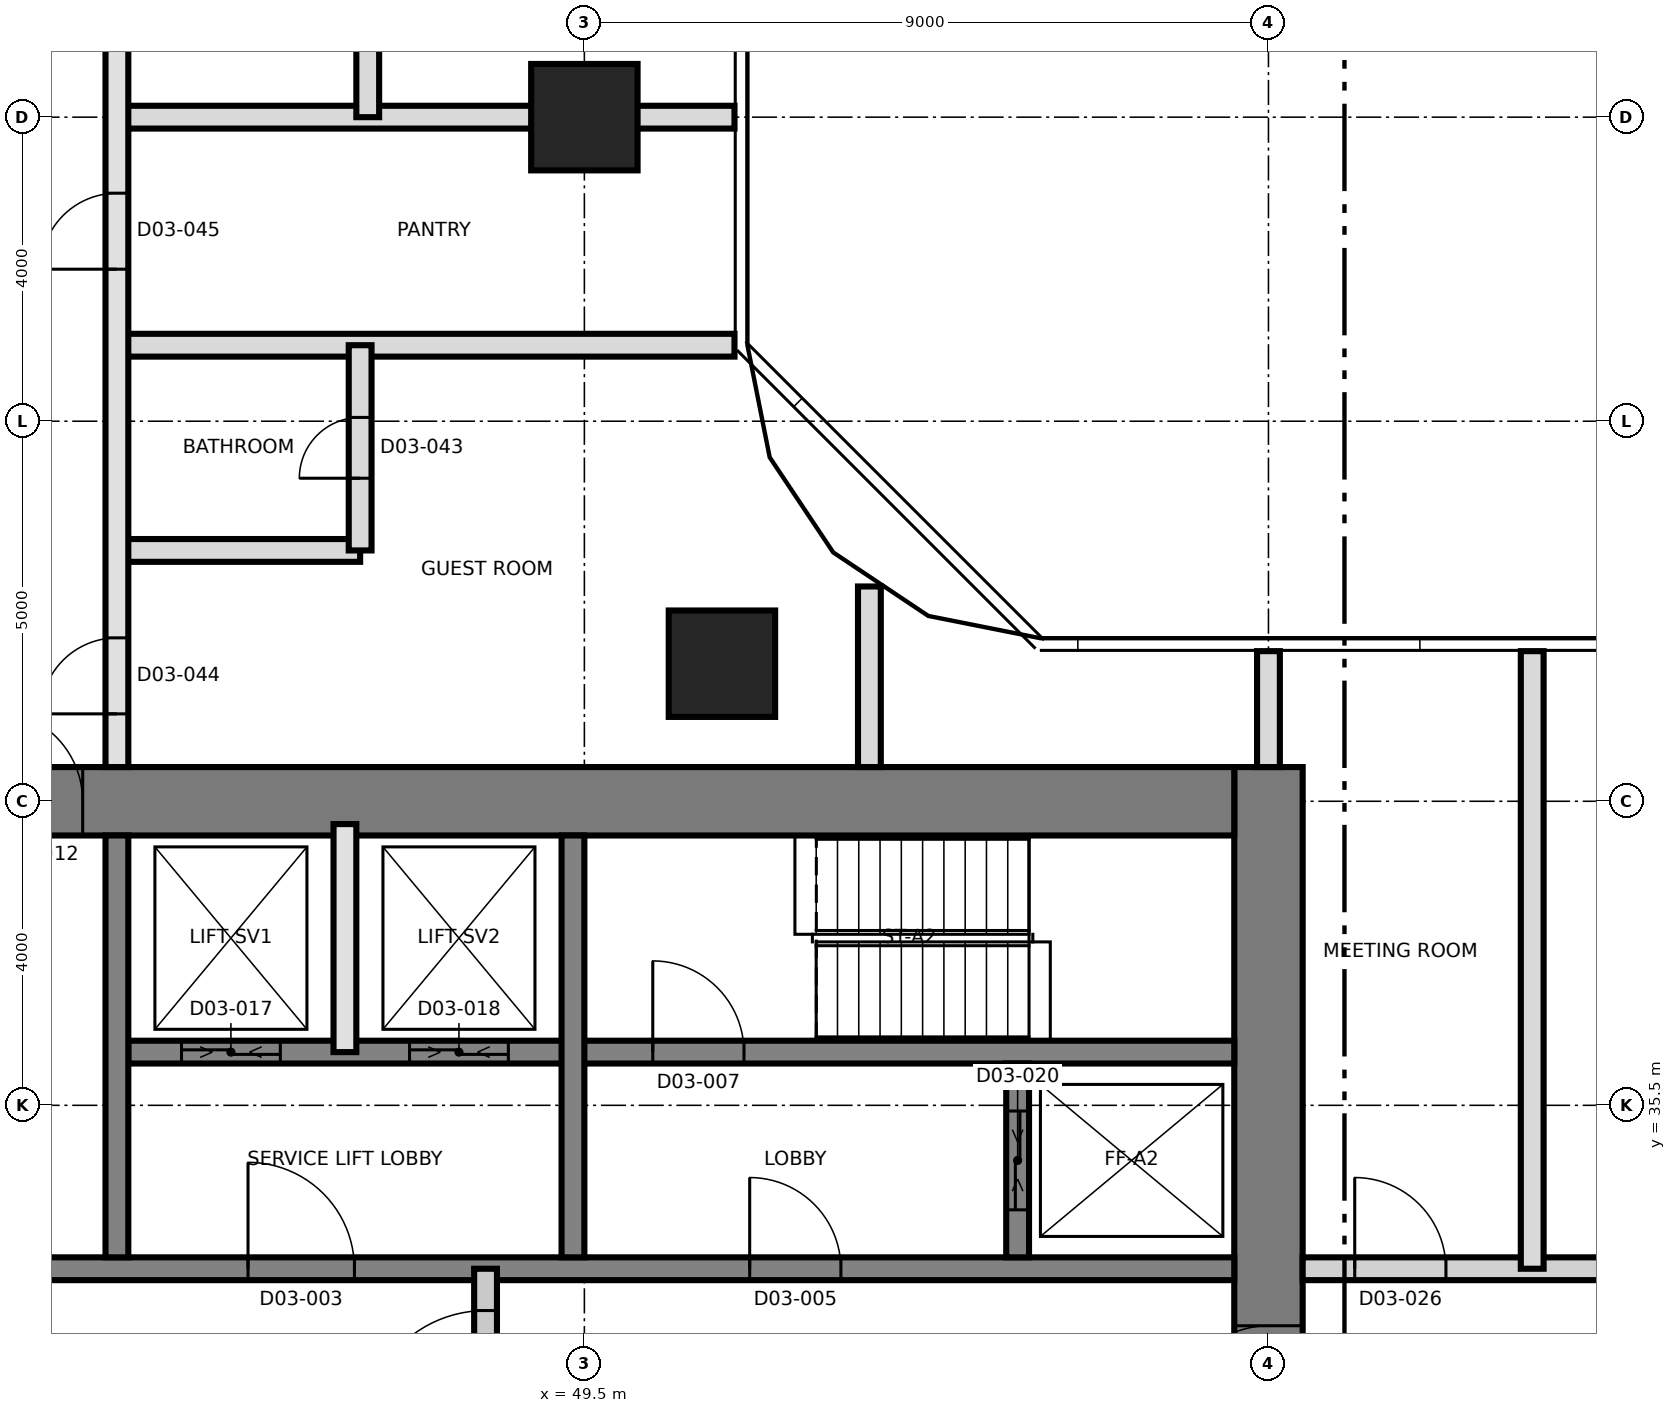
"""IFC4 building model, lengths in metres.
Left out: names, types, materials, properties, quantities, classifications, styles, units other than length and angle.
Written with IfcOpenShell. Run it as: python <this file> out.ifc"""

import sys

from ifc_helpers import new_model, si_unit, direction, frame, frame_2d, origin, origin_2d, place, context, subcontext, project, spatial, rectangle, extrude, element, fill, save


model = new_model("IFC4")
c1 = context("Model", 3, precision=1e-05, world=origin(), true_north=direction((0.0, 1.0)))
c2 = subcontext(c1, "Body", "Model", "MODEL_VIEW")
j1 = project(units=[si_unit("LENGTHUNIT", "METRE"), si_unit("PLANEANGLEUNIT", "RADIAN")], contexts=[c1])
p1 = place(None, origin())
s1 = spatial("IfcSite", under=j1, at=p1, CompositionType="ELEMENT")
p2 = place(p1, origin())
s2 = spatial("IfcBuilding", under=s1, at=p2, CompositionType="ELEMENT")
p3 = place(p2, frame((0.0, 0.0, 59.4)))
s3 = spatial("IfcBuildingStorey", under=s2, at=p3, CompositionType="ELEMENT", Elevation=59.4)
p4 = place(p3, frame((58.5, 21.05, 0.0), z_axis=(0.0, 0.0, 1.0), x_axis=(0.0, 1.0, 0.0)))
e1 = element("IfcWall", 1, at=p4, inside=s3, PredefinedType="SHEAR", context=c2, shape_type="SweptSolid", body=[
    extrude(rectangle(XDim=18.9, YDim=0.9, at=frame_2d((9.45, 0.0))), origin(), (0.0, 0.0, 1.0), 3.7),
])
p5 = place(p4, frame((10.35, 0.0, 0.0)))
e2 = element("IfcOpeningElement", 2, at=p5, cuts=e1, PredefinedType="OPENING", context=c2, shape_type="SweptSolid", body=[
    extrude(rectangle(XDim=1.2, YDim=2.1, at=frame_2d((0.6, 1.05))), frame((0.0, 0.46, 0.0), z_axis=(0.0, -1.0, 0.0), x_axis=(1.0, 0.0, 0.0)), (0.0, 0.0, 1.0), 0.92),
])
p6 = place(p3, frame((31.05, 39.5, 0.0), z_axis=(0.0, 0.0, 1.0), x_axis=(1.0, 0.0, 0.0)))
e3 = element("IfcWall", 3, at=p6, inside=s3, PredefinedType="SHEAR", context=c2, shape_type="SweptSolid", body=[
    extrude(rectangle(XDim=27.0, YDim=0.9, at=frame_2d((13.5, 0.0))), origin(), (0.0, 0.0, 1.0), 3.7),
])
p7 = place(p6, frame((10.65, 0.0, 0.0)))
e4 = element("IfcOpeningElement", 4, at=p7, cuts=e3, PredefinedType="OPENING", context=c2, shape_type="SweptSolid", body=[
    extrude(rectangle(XDim=1.2, YDim=2.1, at=frame_2d((0.6, 1.05))), frame((0.0, 0.46, 0.0), z_axis=(0.0, -1.0, 0.0), x_axis=(1.0, 0.0, 0.0)), (0.0, 0.0, 1.0), 0.92),
])
p8 = place(p3, frame((31.95, 33.35, 0.0), z_axis=(0.0, 0.0, 1.0), x_axis=(1.0, 0.0, 0.0)))
e5 = element("IfcWall", 5, at=p8, inside=s3, PredefinedType="SHEAR", context=c2, shape_type="SweptSolid", body=[
    extrude(rectangle(XDim=26.1, YDim=0.3, at=frame_2d((13.05, 0.0))), origin(), (0.0, 0.0, 1.0), 3.7),
])
p9 = place(p8, frame((13.125, 0.0, 0.0)))
e6 = element("IfcOpeningElement", 6, at=p9, cuts=e5, PredefinedType="OPENING", context=c2, shape_type="SweptSolid", body=[
    extrude(rectangle(XDim=1.4, YDim=2.1, at=frame_2d((0.7, 1.05))), frame((0.0, 0.16, 0.0), z_axis=(0.0, -1.0, 0.0), x_axis=(1.0, 0.0, 0.0)), (0.0, 0.0, 1.0), 0.32),
])
p10 = place(p8, frame((5.175, 0.0, 0.0)))
e7 = element("IfcOpeningElement", 7, at=p10, cuts=e5, PredefinedType="OPENING", context=c2, shape_type="SweptSolid", body=[
    extrude(rectangle(XDim=1.2, YDim=2.1, at=frame_2d((0.6, 1.05))), frame((0.0, 0.16, 0.0), z_axis=(0.0, -1.0, 0.0), x_axis=(1.0, 0.0, 0.0)), (0.0, 0.0, 1.0), 0.32),
])
p11 = place(p8, frame((19.725, 0.0, 0.0)))
e8 = element("IfcOpeningElement", 8, at=p11, cuts=e5, PredefinedType="OPENING", context=c2, shape_type="SweptSolid", body=[
    extrude(rectangle(XDim=1.2, YDim=2.1, at=frame_2d((0.6, 1.05))), frame((0.0, 0.16, 0.0), z_axis=(0.0, -1.0, 0.0), x_axis=(1.0, 0.0, 0.0)), (0.0, 0.0, 1.0), 0.32),
])
p12 = place(p3, frame((43.5, 36.2, 0.0), z_axis=(0.0, 0.0, 1.0), x_axis=(1.0, 0.0, 0.0)))
e9 = element("IfcWall", 9, at=p12, inside=s3, PredefinedType="SHEAR", context=c2, shape_type="SweptSolid", body=[
    extrude(rectangle(XDim=14.55, YDim=0.3, at=frame_2d((7.275, 0.0))), origin(), (0.0, 0.0, 1.0), 3.7),
])
p13 = place(p12, frame((6.9, 0.0, 0.0)))
e10 = element("IfcOpeningElement", 10, at=p13, cuts=e9, PredefinedType="OPENING", context=c2, shape_type="SweptSolid", body=[
    extrude(rectangle(XDim=1.2, YDim=2.1, at=frame_2d((0.6, 1.05))), frame((0.0, 0.16, 0.0), z_axis=(0.0, -1.0, 0.0), x_axis=(1.0, 0.0, 0.0)), (0.0, 0.0, 1.0), 0.32),
])
p14 = place(p12, frame((0.7, 0.0, 0.0)))
e11 = element("IfcOpeningElement", 11, at=p14, cuts=e9, PredefinedType="OPENING", context=c2, shape_type="SweptSolid", body=[
    extrude(rectangle(XDim=1.3, YDim=2.4, at=frame_2d((0.65, 1.2))), frame((0.0, 0.16, 0.0), z_axis=(0.0, -1.0, 0.0), x_axis=(1.0, 0.0, 0.0)), (0.0, 0.0, 1.0), 0.32),
])
p15 = place(p12, frame((3.7, 0.0, 0.0)))
e12 = element("IfcOpeningElement", 12, at=p15, cuts=e9, PredefinedType="OPENING", context=c2, shape_type="SweptSolid", body=[
    extrude(rectangle(XDim=1.3, YDim=2.4, at=frame_2d((0.65, 1.2))), frame((0.0, 0.16, 0.0), z_axis=(0.0, -1.0, 0.0), x_axis=(1.0, 0.0, 0.0)), (0.0, 0.0, 1.0), 0.32),
])
for number, where, z_axis, x_axis in (
    (13, (43.35, 33.5, 0.0), (0.0, 0.0, 1.0), (0.0, 1.0, 0.0)),
    (14, (49.35, 33.5, 0.0), (0.0, 0.0, 1.0), (0.0, 1.0, 0.0)),
):
    element("IfcWall", number, at=place(p3, frame(where, z_axis=z_axis, x_axis=x_axis)), inside=s3, PredefinedType="SHEAR", context=c2, shape_type="SweptSolid", body=[
        extrude(rectangle(XDim=5.55, YDim=0.3, at=frame_2d((2.775, 0.0))), origin(), (0.0, 0.0, 1.0), 3.7),
    ])
p16 = place(p3, frame((55.2, 33.5, 0.0), z_axis=(0.0, 0.0, 1.0), x_axis=(0.0, 1.0, 0.0)))
e15 = element("IfcWall", 15, at=p16, inside=s3, PredefinedType="SHEAR", context=c2, shape_type="SweptSolid", body=[
    extrude(rectangle(XDim=2.55, YDim=0.3, at=frame_2d((1.275, 0.0))), origin(), (0.0, 0.0, 1.0), 3.7),
])
p17 = place(p16, frame((0.625, 0.0, 0.0)))
e16 = element("IfcOpeningElement", 16, at=p17, cuts=e15, PredefinedType="OPENING", context=c2, shape_type="SweptSolid", body=[
    extrude(rectangle(XDim=1.3, YDim=2.4, at=frame_2d((0.65, 1.2))), frame((0.0, 0.16, 0.0), z_axis=(0.0, -1.0, 0.0), x_axis=(1.0, 0.0, 0.0)), (0.0, 0.0, 1.0), 0.32),
])
for number, where, z_axis, x_axis in (
    (17, (51.31, 41.31, 0.0), (0.0, 0.0, 1.0), (1.0, 0.0, 0.0)),
    (18, (49.5, 48.5, 0.0), (0.0, 0.0, 1.0), (1.0, 0.0, 0.0)),
):
    element("IfcColumn", number, at=place(p3, frame(where, z_axis=z_axis, x_axis=x_axis)), inside=s3, PredefinedType="COLUMN", context=c2, shape_type="SweptSolid", body=[
        extrude(rectangle(XDim=1.4, YDim=1.4, at=origin_2d()), origin(), (0.0, 0.0, 1.0), 3.7),
    ])
p18 = place(p3, frame((46.35, 36.2, 0.0), z_axis=(0.0, 0.0, 1.0), x_axis=(0.0, 1.0, 0.0)))
e19 = element("IfcWall", 19, at=p18, inside=s3, PredefinedType="SOLIDWALL", context=c2, shape_type="SweptSolid", body=[
    extrude(rectangle(XDim=3.0, YDim=0.3, at=frame_2d((1.5, 0.0))), origin(), (0.0, 0.0, 1.0), 3.4),
])
p19 = place(p3, frame((48.2, 24.9, 0.0), z_axis=(0.0, 0.0, 1.0), x_axis=(0.0, 1.0, 0.0)))
e20 = element("IfcWall", 20, at=p19, inside=s3, PredefinedType="PARTITIONING", context=c2, shape_type="SweptSolid", body=[
    extrude(rectangle(XDim=8.45, YDim=0.3, at=frame_2d((4.225, 0.0))), origin(), (0.0, 0.0, 1.0), 3.4),
])
p20 = place(p19, frame((6.3, 0.0, 0.0)))
e21 = element("IfcOpeningElement", 21, at=p20, cuts=e20, PredefinedType="OPENING", context=c2, shape_type="SweptSolid", body=[
    extrude(rectangle(XDim=1.6, YDim=2.1, at=frame_2d((0.8, 1.05))), frame((0.0, 0.16, 0.0), z_axis=(0.0, -1.0, 0.0), x_axis=(1.0, 0.0, 0.0)), (0.0, 0.0, 1.0), 0.32),
])
p21 = place(p3, frame((58.95, 33.35, 0.0), z_axis=(0.0, 0.0, 1.0), x_axis=(1.0, 0.0, 0.0)))
e22 = element("IfcWall", 22, at=p21, inside=s3, PredefinedType="PARTITIONING", context=c2, shape_type="SweptSolid", body=[
    extrude(rectangle(XDim=26.38, YDim=0.3, at=frame_2d((13.19, 0.0))), origin(), (0.0, 0.0, 1.0), 3.4),
])
p22 = place(p21, frame((0.685, 0.0, 0.0)))
e23 = element("IfcOpeningElement", 23, at=p22, cuts=e22, PredefinedType="OPENING", context=c2, shape_type="SweptSolid", body=[
    extrude(rectangle(XDim=1.2, YDim=2.1, at=frame_2d((0.6, 1.05))), frame((0.0, 0.16, 0.0), z_axis=(0.0, -1.0, 0.0), x_axis=(1.0, 0.0, 0.0)), (0.0, 0.0, 1.0), 0.32),
])
p23 = place(p21, frame((3.935, 0.0, 0.0)))
e24 = element("IfcOpeningElement", 24, at=p23, cuts=e22, PredefinedType="OPENING", context=c2, shape_type="SweptSolid", body=[
    extrude(rectangle(XDim=1.0, YDim=2.1, at=frame_2d((0.5, 1.05))), frame((0.0, 0.16, 0.0), z_axis=(0.0, -1.0, 0.0), x_axis=(1.0, 0.0, 0.0)), (0.0, 0.0, 1.0), 0.32),
])
p24 = place(p21, frame((14.2, 0.0, 0.0)))
e25 = element("IfcOpeningElement", 25, at=p24, cuts=e22, PredefinedType="OPENING", context=c2, shape_type="SweptSolid", body=[
    extrude(rectangle(XDim=1.0, YDim=2.4, at=frame_2d((0.5, 1.2))), frame((0.0, 0.16, 0.0), z_axis=(0.0, -1.0, 0.0), x_axis=(1.0, 0.0, 0.0)), (0.0, 0.0, 1.0), 0.32),
])
p25 = place(p21, frame((19.25, 0.0, 0.0)))
e26 = element("IfcOpeningElement", 26, at=p25, cuts=e22, PredefinedType="OPENING", context=c2, shape_type="SweptSolid", body=[
    extrude(rectangle(XDim=1.2, YDim=2.1, at=frame_2d((0.6, 1.05))), frame((0.0, 0.16, 0.0), z_axis=(0.0, -1.0, 0.0), x_axis=(1.0, 0.0, 0.0)), (0.0, 0.0, 1.0), 0.32),
])
p26 = place(p21, frame((22.5, 0.0, 0.0)))
e27 = element("IfcOpeningElement", 27, at=p26, cuts=e22, PredefinedType="OPENING", context=c2, shape_type="SweptSolid", body=[
    extrude(rectangle(XDim=1.0, YDim=2.1, at=frame_2d((0.5, 1.05))), frame((0.0, 0.16, 0.0), z_axis=(0.0, -1.0, 0.0), x_axis=(1.0, 0.0, 0.0)), (0.0, 0.0, 1.0), 0.32),
])
p27 = place(p3, frame((43.35, 42.8, 0.0), z_axis=(0.0, 0.0, 1.0), x_axis=(1.0, 0.0, 0.0)))
e28 = element("IfcWall", 28, at=p27, inside=s3, PredefinedType="PARTITIONING", context=c2, shape_type="SweptSolid", body=[
    extrude(rectangle(XDim=3.2, YDim=0.3, at=frame_2d((1.6, 0.0))), origin(), (0.0, 0.0, 1.0), 3.4),
])
for number, where, z_axis, x_axis in (
    (29, (43.35, 45.5, 0.0), (0.0, 0.0, 1.0), (1.0, 0.0, 0.0)),
    (30, (43.35, 48.5, 0.0), (0.0, 0.0, 1.0), (1.0, 0.0, 0.0)),
):
    element("IfcWall", number, at=place(p3, frame(where, z_axis=z_axis, x_axis=x_axis)), inside=s3, PredefinedType="PARTITIONING", context=c2, shape_type="SweptSolid", body=[
        extrude(rectangle(XDim=8.125, YDim=0.3, at=frame_2d((4.062, 0.0))), origin(), (0.0, 0.0, 1.0), 3.4),
    ])
p28 = place(p3, frame((43.35, 39.95, 0.0), z_axis=(0.0, 0.0, 1.0), x_axis=(0.0, 1.0, 0.0)))
e31 = element("IfcWall", 31, at=p28, inside=s3, PredefinedType="SOLIDWALL", context=c2, shape_type="SweptSolid", body=[
    extrude(rectangle(XDim=25.85, YDim=0.3, at=frame_2d((12.925, 0.0))), origin(), (0.0, 0.0, 1.0), 3.4),
])
p29 = place(p28, frame((0.7, 0.0, 0.0)))
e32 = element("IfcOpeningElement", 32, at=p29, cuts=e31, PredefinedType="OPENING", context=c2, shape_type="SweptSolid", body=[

------------------------

• [What you have to do] Return every line above in which the string "PARTITIONING" occurs.

• [Task result]
e20 = element("IfcWall", 20, at=p19, inside=s3, PredefinedType="PARTITIONING", context=c2, shape_type="SweptSolid", body=[
e22 = element("IfcWall", 22, at=p21, inside=s3, PredefinedType="PARTITIONING", context=c2, shape_type="SweptSolid", body=[
e28 = element("IfcWall", 28, at=p27, inside=s3, PredefinedType="PARTITIONING", context=c2, shape_type="SweptSolid", body=[
    element("IfcWall", number, at=place(p3, frame(where, z_axis=z_axis, x_axis=x_axis)), inside=s3, PredefinedType="PARTITIONING", context=c2, shape_type="SweptSolid", body=[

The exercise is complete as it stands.